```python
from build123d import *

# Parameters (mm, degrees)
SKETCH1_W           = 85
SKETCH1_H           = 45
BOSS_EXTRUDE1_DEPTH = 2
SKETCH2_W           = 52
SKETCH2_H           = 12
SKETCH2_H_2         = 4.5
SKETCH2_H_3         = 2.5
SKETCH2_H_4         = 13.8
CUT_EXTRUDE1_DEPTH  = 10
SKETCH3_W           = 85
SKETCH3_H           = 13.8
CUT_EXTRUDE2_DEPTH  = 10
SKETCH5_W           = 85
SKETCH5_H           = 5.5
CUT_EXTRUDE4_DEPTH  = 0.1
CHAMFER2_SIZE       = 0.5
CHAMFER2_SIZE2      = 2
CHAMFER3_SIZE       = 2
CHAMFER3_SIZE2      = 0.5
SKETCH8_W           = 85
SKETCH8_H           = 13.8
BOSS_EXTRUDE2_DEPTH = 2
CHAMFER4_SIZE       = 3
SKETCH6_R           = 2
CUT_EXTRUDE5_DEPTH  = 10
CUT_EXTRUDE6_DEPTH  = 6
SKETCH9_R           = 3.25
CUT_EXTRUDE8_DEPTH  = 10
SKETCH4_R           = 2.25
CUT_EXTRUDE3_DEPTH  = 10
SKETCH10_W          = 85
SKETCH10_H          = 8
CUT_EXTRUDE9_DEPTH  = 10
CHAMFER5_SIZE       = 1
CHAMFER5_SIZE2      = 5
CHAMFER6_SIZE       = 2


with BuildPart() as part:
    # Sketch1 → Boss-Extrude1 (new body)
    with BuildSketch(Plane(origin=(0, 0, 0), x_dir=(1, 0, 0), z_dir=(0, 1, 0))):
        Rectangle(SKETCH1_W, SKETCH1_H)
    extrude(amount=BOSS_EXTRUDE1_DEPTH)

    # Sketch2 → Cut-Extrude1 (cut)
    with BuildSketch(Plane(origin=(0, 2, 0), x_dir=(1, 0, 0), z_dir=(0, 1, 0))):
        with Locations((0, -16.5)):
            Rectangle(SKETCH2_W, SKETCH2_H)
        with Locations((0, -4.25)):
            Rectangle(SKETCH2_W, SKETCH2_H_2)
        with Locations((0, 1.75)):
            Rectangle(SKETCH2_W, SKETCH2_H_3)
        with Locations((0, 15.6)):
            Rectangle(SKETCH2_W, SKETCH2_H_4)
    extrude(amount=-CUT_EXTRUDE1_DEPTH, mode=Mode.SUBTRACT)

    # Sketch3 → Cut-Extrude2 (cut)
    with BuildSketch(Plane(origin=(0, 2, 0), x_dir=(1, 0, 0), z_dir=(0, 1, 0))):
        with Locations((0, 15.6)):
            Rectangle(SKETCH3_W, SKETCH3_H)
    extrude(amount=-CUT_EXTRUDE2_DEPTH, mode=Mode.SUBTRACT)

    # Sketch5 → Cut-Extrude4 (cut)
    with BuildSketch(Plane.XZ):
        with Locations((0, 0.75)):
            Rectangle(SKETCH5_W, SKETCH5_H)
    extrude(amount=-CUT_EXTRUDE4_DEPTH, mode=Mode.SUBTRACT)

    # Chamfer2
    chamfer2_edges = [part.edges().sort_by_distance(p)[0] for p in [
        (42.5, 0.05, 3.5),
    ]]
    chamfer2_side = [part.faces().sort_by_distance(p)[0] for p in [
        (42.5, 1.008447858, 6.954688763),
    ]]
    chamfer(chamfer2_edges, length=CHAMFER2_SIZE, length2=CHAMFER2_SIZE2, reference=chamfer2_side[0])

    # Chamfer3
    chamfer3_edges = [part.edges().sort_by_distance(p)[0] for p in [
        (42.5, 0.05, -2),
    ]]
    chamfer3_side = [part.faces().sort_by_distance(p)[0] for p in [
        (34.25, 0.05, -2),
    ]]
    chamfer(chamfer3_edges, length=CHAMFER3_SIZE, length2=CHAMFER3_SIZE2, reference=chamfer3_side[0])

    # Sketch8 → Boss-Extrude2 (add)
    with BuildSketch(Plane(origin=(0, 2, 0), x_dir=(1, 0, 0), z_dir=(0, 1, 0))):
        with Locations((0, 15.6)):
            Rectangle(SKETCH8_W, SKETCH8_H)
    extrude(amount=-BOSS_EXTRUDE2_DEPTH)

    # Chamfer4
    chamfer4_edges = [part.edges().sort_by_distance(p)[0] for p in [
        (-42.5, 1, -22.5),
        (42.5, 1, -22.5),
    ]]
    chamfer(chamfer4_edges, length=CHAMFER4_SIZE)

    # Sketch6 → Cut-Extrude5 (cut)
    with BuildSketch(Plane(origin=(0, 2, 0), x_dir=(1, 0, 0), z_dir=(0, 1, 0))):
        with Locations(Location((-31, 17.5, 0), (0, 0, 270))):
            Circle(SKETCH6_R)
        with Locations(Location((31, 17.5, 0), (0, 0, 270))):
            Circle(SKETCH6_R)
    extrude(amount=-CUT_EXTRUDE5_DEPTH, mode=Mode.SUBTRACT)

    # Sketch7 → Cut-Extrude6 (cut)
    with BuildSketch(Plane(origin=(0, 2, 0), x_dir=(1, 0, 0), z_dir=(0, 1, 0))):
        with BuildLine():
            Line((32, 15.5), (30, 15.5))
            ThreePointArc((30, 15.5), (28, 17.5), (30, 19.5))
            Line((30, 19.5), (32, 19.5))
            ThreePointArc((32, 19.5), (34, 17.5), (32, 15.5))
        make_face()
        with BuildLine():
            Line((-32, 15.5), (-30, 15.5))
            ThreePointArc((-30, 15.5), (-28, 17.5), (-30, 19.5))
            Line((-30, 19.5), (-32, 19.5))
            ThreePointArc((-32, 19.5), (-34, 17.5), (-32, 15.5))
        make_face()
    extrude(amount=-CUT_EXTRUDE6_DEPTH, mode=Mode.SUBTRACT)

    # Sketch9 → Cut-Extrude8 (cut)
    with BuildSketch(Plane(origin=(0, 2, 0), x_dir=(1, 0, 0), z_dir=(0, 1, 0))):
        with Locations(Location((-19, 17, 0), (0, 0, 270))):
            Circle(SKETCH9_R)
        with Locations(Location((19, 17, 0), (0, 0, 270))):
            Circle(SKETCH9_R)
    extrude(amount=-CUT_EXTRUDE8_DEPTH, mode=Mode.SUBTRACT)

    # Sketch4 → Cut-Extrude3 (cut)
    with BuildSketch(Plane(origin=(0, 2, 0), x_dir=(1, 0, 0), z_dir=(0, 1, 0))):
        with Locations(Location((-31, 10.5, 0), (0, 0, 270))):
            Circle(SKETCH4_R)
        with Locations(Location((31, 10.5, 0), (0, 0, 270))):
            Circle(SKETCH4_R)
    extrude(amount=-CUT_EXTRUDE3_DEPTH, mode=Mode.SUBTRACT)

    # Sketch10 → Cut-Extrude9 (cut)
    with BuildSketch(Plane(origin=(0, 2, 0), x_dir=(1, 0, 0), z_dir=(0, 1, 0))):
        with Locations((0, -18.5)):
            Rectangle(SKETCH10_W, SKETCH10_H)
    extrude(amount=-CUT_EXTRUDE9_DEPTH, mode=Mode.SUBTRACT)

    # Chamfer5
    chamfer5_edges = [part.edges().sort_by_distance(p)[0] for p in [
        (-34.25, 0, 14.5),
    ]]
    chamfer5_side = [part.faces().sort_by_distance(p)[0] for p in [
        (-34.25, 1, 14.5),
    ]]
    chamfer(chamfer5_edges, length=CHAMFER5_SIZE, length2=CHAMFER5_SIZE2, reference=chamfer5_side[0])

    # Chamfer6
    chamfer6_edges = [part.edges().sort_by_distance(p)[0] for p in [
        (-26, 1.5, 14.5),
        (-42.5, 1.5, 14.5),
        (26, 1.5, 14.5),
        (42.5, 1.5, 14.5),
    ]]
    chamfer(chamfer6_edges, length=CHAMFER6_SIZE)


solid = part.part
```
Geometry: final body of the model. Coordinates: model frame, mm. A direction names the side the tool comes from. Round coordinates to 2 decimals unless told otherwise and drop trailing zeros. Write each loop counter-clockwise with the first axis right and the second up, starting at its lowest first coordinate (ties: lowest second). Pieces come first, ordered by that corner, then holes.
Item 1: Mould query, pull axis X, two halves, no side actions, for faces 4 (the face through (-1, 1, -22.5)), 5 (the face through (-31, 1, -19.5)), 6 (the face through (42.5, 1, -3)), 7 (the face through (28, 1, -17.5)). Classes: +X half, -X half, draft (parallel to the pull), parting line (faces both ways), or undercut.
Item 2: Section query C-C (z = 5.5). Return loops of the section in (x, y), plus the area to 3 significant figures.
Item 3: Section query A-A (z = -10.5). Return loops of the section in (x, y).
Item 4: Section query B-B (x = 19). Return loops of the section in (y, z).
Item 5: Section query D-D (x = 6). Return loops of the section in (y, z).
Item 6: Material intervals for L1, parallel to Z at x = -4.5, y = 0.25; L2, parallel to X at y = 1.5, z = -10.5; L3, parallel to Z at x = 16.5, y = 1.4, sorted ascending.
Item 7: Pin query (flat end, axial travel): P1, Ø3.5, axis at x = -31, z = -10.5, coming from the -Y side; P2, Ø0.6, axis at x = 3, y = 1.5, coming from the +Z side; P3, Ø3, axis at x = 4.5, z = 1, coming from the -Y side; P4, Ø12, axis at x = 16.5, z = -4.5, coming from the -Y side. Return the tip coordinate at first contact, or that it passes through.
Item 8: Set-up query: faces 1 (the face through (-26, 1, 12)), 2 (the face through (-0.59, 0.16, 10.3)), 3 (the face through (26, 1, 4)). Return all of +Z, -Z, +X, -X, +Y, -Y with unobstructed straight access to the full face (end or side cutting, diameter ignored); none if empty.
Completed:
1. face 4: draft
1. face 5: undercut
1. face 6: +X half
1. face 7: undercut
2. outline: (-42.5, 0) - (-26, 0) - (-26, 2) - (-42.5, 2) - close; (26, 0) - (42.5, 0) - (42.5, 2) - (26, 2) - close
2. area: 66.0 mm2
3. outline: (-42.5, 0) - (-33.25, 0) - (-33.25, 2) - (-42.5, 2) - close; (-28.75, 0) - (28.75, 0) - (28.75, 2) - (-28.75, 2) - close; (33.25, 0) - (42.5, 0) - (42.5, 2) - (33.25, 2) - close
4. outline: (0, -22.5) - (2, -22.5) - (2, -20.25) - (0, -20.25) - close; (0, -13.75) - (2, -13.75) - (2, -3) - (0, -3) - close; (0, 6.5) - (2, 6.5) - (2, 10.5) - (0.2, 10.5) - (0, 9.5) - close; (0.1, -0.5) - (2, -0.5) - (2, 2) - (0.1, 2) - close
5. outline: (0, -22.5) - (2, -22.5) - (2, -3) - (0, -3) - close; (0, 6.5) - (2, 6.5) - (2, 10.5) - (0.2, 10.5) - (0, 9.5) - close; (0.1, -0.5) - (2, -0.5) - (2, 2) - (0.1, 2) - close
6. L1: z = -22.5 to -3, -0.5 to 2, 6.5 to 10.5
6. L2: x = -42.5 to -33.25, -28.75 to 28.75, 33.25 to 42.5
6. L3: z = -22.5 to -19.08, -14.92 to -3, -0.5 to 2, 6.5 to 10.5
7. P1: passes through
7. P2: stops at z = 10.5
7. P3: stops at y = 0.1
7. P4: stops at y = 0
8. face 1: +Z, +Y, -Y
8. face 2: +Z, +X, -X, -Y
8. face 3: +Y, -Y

•••••

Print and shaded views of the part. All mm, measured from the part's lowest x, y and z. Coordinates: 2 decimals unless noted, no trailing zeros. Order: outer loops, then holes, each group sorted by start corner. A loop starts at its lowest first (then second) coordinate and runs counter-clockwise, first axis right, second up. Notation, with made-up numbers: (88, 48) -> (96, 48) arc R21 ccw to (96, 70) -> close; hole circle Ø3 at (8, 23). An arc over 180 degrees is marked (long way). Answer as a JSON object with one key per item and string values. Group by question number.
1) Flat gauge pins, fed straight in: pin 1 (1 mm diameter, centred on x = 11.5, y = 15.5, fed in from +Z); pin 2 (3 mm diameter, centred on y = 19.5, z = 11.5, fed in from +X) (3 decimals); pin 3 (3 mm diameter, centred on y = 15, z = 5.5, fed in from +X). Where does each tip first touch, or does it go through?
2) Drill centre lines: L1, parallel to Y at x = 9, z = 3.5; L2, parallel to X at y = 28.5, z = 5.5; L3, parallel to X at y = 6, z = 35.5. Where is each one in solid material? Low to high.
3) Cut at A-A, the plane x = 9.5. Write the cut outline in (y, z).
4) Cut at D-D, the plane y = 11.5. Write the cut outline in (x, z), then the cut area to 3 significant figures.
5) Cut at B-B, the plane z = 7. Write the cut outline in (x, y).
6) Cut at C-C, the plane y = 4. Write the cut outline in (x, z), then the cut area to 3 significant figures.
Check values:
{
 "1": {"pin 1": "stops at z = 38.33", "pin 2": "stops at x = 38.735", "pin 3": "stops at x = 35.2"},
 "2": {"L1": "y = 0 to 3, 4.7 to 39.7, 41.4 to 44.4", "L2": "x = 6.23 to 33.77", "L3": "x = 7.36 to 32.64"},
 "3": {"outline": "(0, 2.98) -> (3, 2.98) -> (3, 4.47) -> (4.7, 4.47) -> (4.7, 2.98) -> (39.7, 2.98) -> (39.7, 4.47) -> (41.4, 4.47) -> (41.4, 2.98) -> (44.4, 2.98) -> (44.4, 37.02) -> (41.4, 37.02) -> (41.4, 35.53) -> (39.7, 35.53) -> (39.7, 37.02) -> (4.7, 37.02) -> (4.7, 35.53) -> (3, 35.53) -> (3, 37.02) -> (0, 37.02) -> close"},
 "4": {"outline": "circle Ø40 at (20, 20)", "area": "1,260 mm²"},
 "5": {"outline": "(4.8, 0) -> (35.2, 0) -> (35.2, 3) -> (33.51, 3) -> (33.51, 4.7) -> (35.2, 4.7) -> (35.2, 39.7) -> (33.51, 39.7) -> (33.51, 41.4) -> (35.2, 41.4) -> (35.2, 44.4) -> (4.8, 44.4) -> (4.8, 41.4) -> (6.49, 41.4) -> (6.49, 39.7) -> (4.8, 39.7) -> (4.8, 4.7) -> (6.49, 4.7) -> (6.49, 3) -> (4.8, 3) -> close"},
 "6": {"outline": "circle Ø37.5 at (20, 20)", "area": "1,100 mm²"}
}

•••••

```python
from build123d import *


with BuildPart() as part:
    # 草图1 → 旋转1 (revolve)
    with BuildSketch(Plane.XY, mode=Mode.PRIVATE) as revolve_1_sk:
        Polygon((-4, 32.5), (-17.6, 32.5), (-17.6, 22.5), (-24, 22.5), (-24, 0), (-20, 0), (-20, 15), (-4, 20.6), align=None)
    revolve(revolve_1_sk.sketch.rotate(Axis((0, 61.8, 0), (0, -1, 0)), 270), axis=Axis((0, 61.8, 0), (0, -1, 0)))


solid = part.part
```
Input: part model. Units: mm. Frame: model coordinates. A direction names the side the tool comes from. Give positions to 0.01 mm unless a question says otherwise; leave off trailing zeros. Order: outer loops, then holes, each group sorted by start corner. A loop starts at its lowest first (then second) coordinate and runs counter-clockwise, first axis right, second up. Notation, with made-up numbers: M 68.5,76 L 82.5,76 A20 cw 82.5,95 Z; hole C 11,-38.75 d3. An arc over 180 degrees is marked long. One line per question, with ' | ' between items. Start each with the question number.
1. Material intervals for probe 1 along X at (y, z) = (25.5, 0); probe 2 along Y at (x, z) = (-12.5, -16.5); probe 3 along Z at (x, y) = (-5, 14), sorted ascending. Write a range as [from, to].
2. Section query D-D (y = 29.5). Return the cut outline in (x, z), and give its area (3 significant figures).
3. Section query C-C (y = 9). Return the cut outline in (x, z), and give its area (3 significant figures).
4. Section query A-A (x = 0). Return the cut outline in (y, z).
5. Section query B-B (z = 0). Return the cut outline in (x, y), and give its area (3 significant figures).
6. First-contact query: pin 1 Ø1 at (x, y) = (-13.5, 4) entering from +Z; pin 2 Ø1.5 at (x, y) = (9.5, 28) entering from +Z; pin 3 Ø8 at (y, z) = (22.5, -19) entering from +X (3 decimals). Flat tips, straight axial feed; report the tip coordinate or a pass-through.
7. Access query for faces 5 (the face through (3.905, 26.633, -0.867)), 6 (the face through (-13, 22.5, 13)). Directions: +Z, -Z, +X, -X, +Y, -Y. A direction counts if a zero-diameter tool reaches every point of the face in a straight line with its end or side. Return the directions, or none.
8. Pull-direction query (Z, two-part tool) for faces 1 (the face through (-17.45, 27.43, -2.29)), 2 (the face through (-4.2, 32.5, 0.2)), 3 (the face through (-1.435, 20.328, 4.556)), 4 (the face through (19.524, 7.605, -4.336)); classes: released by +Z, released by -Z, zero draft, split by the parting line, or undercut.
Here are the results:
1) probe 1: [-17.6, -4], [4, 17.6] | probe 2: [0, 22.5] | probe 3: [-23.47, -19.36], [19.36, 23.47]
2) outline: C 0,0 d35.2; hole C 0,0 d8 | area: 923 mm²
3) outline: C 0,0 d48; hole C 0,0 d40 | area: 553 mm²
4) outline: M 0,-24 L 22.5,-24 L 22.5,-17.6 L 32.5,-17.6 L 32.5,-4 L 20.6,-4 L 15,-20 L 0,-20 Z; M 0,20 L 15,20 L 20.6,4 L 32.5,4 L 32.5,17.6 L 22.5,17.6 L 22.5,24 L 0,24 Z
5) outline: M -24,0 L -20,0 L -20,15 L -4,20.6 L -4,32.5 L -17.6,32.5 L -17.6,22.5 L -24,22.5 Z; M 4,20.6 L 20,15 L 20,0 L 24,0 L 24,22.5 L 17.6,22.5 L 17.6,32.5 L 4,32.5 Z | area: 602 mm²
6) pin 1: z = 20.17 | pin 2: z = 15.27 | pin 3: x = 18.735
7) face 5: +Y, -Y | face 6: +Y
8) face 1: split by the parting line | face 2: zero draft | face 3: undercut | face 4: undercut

•••••

*ACTIVITY:*
Could you state how many lines in the listing include the string "ascending"? Only the number is wanted.

*EXPECTED ANSWER:*
2